START EXCERPTED DATA
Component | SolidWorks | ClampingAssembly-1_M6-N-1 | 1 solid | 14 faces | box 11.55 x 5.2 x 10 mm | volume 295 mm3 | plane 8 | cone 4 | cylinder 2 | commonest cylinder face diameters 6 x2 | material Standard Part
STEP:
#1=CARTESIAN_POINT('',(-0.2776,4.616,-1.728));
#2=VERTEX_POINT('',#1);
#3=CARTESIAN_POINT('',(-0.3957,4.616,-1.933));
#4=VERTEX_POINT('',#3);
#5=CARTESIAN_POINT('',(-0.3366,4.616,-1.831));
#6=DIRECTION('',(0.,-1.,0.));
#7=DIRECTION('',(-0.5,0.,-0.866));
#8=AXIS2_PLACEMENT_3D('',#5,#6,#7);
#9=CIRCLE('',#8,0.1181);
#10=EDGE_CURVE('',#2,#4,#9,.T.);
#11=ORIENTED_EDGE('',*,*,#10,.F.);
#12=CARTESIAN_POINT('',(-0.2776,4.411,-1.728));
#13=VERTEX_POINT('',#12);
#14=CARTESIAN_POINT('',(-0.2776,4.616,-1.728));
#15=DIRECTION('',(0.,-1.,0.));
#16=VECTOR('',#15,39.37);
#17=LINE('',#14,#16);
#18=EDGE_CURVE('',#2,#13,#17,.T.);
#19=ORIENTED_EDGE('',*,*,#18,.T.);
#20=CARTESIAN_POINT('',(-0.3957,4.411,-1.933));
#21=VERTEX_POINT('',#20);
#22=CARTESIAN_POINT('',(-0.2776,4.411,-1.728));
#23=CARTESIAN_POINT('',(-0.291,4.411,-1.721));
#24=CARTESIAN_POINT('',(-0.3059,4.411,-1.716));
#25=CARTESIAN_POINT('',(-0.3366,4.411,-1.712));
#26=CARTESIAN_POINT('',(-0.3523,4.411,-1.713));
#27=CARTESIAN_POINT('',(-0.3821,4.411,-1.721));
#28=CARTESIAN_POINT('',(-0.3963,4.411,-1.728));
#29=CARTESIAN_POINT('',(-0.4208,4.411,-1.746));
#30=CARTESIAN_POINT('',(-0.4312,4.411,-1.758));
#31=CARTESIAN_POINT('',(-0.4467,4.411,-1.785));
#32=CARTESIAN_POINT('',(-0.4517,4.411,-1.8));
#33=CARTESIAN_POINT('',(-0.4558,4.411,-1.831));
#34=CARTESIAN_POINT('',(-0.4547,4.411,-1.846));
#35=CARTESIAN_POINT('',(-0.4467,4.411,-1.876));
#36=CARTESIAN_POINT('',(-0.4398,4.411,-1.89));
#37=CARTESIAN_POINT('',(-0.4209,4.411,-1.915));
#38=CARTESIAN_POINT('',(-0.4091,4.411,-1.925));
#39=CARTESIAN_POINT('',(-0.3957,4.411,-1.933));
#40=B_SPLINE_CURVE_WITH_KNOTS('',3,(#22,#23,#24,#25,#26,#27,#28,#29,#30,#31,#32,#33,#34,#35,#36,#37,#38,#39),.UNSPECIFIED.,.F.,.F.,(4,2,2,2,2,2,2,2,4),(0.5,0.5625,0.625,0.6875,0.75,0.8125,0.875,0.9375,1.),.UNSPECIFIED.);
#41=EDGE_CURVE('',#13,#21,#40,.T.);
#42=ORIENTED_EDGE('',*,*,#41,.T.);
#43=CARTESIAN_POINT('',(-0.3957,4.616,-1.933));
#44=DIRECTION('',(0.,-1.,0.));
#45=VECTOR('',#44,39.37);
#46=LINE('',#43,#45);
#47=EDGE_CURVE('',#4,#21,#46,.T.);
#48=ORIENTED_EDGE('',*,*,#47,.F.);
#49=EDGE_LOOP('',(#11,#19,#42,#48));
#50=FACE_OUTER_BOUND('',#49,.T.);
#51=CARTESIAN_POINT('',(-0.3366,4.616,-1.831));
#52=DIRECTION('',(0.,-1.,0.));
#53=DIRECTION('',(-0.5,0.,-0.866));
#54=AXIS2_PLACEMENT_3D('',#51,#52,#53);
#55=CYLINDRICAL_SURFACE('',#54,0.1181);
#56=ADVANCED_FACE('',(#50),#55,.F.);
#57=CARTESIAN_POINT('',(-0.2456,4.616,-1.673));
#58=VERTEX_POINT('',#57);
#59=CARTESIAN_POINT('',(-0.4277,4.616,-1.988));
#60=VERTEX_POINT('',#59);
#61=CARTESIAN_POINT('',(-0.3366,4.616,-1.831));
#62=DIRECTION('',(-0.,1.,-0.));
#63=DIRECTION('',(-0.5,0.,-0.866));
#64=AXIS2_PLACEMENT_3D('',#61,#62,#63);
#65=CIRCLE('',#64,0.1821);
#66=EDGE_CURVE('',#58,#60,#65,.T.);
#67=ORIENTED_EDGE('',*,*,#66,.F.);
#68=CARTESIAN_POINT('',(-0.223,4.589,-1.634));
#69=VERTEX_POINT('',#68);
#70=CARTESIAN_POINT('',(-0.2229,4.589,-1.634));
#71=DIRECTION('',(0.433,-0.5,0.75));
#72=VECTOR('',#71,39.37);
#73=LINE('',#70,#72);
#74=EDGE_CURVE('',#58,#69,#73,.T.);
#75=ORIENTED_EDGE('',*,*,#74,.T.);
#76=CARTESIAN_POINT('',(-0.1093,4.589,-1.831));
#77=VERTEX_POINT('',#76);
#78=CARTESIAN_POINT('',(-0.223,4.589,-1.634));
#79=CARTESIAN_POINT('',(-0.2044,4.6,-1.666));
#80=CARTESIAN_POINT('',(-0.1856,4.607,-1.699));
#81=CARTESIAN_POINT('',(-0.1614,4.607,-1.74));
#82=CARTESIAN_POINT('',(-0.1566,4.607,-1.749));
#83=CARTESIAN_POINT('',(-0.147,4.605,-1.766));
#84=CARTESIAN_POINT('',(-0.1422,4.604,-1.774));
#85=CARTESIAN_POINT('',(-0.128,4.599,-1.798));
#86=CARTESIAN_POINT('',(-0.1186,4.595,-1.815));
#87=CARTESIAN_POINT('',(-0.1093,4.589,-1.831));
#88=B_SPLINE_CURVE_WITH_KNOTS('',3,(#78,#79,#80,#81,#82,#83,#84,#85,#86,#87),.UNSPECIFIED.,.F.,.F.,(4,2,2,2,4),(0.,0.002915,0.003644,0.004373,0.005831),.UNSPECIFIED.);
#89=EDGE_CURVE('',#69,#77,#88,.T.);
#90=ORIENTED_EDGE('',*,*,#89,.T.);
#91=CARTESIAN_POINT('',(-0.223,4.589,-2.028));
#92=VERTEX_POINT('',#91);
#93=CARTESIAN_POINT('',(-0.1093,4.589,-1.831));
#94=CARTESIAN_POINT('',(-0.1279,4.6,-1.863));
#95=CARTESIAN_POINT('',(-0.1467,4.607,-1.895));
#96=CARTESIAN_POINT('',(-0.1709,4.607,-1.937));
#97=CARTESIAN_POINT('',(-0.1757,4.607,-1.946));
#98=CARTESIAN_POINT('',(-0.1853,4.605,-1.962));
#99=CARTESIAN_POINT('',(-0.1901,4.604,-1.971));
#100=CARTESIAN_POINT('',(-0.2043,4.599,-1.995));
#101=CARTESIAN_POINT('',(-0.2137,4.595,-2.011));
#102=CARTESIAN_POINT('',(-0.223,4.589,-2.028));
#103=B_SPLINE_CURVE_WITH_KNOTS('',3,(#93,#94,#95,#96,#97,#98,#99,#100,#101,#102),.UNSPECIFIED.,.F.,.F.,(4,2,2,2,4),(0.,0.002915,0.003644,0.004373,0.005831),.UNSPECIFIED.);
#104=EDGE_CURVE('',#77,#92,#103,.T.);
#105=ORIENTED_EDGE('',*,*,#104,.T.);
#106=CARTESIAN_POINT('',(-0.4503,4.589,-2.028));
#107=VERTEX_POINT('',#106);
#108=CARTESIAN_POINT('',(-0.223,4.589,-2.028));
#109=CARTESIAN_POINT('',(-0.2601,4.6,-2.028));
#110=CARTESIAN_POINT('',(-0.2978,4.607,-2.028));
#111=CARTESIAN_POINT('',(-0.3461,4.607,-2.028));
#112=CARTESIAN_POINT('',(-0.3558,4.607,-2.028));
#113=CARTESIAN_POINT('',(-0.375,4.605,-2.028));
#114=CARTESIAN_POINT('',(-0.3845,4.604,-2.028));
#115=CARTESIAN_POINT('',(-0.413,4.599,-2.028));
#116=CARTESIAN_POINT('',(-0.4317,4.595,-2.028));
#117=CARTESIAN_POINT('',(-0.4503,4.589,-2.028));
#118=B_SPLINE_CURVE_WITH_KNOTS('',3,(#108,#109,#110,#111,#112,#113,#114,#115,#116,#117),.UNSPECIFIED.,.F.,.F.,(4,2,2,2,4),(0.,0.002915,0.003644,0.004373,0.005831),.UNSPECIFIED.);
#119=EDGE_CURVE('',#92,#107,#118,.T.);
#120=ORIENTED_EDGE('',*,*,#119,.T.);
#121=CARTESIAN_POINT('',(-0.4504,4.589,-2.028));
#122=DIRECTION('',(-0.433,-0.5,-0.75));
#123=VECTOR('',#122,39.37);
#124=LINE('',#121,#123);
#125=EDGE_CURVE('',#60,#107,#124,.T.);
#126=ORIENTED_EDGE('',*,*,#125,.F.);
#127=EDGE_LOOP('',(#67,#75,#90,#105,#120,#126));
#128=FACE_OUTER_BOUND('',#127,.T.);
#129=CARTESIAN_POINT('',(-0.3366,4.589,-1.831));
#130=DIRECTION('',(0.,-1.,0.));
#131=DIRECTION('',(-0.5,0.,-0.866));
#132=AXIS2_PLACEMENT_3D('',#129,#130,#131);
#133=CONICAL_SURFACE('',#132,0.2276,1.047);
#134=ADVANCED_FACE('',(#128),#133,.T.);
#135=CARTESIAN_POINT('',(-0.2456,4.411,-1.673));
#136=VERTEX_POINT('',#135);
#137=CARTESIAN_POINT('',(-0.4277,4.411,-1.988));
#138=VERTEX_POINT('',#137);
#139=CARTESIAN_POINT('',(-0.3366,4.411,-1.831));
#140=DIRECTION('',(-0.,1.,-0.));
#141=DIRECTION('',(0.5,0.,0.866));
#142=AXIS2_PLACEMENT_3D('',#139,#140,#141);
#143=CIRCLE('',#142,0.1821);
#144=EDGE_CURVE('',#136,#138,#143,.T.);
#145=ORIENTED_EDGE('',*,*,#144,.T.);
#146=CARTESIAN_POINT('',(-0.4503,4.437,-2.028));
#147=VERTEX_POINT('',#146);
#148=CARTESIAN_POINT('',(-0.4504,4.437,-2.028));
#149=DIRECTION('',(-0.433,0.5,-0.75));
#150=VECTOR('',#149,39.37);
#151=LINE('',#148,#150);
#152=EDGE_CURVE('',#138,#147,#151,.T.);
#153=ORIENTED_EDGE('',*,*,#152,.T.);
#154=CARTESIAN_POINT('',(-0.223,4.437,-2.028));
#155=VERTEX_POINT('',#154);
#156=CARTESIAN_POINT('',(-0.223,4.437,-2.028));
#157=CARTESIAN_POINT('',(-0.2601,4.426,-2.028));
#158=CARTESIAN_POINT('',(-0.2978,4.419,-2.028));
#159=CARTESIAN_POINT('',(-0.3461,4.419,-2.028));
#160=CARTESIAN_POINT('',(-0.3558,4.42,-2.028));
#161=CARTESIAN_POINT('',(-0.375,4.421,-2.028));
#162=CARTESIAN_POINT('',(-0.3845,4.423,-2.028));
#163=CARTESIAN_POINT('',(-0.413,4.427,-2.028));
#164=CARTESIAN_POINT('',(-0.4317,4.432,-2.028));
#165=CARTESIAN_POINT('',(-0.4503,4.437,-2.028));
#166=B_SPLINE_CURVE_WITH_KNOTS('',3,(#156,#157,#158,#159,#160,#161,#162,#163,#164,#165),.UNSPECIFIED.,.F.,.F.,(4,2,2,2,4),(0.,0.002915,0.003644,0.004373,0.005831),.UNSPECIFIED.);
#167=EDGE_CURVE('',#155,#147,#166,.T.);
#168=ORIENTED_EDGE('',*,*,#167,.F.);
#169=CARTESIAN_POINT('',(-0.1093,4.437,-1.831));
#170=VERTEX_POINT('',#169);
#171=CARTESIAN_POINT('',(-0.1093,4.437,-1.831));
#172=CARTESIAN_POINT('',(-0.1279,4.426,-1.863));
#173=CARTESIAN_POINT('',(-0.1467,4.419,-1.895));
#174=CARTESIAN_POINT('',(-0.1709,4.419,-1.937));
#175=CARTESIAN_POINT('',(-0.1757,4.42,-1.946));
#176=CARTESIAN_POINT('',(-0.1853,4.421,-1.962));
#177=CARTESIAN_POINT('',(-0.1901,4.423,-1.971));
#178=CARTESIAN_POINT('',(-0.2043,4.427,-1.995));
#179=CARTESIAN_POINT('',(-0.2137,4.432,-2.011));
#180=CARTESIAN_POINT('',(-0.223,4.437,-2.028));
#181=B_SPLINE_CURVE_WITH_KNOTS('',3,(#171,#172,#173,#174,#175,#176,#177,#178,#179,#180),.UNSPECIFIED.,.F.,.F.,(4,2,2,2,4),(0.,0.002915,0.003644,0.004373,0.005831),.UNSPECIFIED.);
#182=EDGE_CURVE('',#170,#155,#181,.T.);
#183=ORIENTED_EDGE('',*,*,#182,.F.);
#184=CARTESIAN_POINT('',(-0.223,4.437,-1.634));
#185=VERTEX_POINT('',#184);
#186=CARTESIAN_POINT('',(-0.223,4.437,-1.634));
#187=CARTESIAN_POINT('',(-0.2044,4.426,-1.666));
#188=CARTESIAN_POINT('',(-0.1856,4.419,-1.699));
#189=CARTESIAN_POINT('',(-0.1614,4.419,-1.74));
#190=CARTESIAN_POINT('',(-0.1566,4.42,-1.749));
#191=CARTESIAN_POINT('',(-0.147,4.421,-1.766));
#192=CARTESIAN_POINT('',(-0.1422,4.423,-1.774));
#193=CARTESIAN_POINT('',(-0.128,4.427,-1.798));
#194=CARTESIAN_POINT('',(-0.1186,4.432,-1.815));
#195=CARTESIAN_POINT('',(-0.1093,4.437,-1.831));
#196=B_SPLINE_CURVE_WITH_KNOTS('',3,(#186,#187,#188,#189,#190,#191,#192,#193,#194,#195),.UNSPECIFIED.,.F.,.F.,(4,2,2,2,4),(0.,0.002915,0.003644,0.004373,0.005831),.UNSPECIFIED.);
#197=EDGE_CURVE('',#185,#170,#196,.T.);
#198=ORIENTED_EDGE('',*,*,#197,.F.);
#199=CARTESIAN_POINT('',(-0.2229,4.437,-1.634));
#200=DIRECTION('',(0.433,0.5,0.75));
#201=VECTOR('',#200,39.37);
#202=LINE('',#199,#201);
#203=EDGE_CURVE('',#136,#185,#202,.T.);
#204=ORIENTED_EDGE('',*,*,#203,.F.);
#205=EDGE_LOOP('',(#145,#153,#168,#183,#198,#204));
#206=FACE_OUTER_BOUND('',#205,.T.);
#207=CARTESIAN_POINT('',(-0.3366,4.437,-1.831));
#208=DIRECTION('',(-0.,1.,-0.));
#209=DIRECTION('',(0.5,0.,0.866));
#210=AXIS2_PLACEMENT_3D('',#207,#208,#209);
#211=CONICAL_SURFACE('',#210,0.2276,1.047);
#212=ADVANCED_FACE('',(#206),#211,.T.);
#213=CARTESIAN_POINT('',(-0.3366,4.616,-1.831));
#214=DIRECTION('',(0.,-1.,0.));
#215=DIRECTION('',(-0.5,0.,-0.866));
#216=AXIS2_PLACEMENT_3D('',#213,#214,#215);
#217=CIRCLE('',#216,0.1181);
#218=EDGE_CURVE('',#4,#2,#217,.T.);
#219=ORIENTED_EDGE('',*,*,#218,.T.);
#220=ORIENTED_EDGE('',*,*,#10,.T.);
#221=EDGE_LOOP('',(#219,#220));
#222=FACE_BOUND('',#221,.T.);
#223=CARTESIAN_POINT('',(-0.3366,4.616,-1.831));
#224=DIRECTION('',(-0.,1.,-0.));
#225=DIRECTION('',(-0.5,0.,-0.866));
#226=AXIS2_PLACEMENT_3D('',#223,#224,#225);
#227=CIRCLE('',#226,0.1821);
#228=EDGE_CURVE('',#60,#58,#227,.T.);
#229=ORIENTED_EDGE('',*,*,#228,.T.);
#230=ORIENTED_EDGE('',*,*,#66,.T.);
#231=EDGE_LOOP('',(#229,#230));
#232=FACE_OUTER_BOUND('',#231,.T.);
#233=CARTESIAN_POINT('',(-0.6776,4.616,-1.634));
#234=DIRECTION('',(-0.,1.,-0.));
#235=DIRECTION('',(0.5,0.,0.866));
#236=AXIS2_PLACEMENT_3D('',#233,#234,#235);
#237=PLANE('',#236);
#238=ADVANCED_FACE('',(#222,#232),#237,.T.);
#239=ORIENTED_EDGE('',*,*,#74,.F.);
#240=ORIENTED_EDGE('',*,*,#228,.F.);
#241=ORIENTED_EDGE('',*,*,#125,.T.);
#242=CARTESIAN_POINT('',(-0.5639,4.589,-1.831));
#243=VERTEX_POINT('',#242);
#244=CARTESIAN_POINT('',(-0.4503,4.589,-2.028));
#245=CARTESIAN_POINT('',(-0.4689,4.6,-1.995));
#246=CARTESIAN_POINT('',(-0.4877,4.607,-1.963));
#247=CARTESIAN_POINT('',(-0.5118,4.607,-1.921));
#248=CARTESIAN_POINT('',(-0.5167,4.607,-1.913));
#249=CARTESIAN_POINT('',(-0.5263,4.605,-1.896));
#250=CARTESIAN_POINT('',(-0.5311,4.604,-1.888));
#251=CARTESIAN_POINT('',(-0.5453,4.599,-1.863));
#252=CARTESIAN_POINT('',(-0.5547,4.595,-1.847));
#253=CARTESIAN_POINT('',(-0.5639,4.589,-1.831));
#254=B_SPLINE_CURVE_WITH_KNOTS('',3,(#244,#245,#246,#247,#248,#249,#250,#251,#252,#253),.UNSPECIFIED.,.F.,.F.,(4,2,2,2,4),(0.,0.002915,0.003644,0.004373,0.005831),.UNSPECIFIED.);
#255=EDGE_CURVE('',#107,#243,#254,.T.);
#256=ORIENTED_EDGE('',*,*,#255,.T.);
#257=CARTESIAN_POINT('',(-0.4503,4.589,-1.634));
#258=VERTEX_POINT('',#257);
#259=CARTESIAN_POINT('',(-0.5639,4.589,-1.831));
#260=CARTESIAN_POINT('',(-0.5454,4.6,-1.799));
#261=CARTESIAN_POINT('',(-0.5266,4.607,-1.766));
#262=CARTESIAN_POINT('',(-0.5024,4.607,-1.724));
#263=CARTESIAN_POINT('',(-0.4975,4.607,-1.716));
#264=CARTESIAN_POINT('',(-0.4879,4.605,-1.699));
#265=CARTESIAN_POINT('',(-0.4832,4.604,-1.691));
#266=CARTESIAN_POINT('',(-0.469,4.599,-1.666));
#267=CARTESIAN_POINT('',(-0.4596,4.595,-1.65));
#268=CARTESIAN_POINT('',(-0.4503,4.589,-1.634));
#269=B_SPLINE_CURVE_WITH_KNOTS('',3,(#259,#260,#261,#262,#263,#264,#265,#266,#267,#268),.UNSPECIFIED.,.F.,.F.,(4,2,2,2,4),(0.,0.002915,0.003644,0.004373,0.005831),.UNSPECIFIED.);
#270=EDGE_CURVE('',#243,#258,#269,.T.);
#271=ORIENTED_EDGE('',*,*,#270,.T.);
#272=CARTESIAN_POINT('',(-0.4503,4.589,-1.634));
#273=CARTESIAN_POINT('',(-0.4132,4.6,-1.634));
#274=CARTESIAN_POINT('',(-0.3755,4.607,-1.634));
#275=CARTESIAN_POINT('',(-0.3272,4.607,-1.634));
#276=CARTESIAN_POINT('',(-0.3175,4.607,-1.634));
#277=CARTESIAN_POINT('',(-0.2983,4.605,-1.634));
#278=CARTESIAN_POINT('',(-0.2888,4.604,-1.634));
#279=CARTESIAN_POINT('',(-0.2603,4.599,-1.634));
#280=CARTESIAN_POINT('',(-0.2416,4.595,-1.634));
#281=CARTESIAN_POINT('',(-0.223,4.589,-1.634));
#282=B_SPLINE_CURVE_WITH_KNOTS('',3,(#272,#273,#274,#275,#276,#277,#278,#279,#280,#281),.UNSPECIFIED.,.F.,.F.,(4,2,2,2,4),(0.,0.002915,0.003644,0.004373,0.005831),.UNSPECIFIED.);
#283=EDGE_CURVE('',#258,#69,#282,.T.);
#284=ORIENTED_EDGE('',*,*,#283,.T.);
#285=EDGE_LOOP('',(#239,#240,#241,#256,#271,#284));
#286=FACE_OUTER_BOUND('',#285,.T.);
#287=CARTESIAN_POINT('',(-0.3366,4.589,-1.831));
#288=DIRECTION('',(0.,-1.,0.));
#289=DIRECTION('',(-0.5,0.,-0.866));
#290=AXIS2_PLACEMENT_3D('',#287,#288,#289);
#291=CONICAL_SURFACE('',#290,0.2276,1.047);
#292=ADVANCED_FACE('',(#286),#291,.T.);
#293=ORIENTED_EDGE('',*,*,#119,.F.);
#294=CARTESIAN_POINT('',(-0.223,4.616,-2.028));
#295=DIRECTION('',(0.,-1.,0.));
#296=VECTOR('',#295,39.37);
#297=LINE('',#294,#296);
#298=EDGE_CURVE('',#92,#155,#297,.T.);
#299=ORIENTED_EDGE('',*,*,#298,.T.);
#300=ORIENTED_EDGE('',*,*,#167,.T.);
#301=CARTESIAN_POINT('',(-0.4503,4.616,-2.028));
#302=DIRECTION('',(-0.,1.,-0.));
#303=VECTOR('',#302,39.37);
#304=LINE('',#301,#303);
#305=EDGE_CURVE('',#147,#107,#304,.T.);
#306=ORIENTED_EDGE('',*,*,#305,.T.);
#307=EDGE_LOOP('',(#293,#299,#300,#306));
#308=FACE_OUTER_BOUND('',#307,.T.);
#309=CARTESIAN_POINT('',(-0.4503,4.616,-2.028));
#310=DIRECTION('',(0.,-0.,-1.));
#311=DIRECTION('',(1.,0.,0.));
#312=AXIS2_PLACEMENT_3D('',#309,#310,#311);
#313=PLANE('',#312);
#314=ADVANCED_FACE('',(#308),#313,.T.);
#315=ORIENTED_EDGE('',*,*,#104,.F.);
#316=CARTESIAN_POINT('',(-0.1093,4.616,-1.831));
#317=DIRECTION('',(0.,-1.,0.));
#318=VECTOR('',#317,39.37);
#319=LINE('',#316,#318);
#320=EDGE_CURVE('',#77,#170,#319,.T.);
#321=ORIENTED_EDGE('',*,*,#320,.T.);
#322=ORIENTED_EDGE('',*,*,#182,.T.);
END EXCERPTED DATA
REQUIREMENT: What is asked for is an exact copy of the lines above from the one containing "#92=VERTEX_POINT('',#91);" through the one containing "#98=CARTESIAN_POINT('',(-0.1853,4.605,-1.962));", and only those.

RESPONSE BOX:
#92=VERTEX_POINT('',#91);
#93=CARTESIAN_POINT('',(-0.1093,4.589,-1.831));
#94=CARTESIAN_POINT('',(-0.1279,4.6,-1.863));
#95=CARTESIAN_POINT('',(-0.1467,4.607,-1.895));
#96=CARTESIAN_POINT('',(-0.1709,4.607,-1.937));
#97=CARTESIAN_POINT('',(-0.1757,4.607,-1.946));
#98=CARTESIAN_POINT('',(-0.1853,4.605,-1.962));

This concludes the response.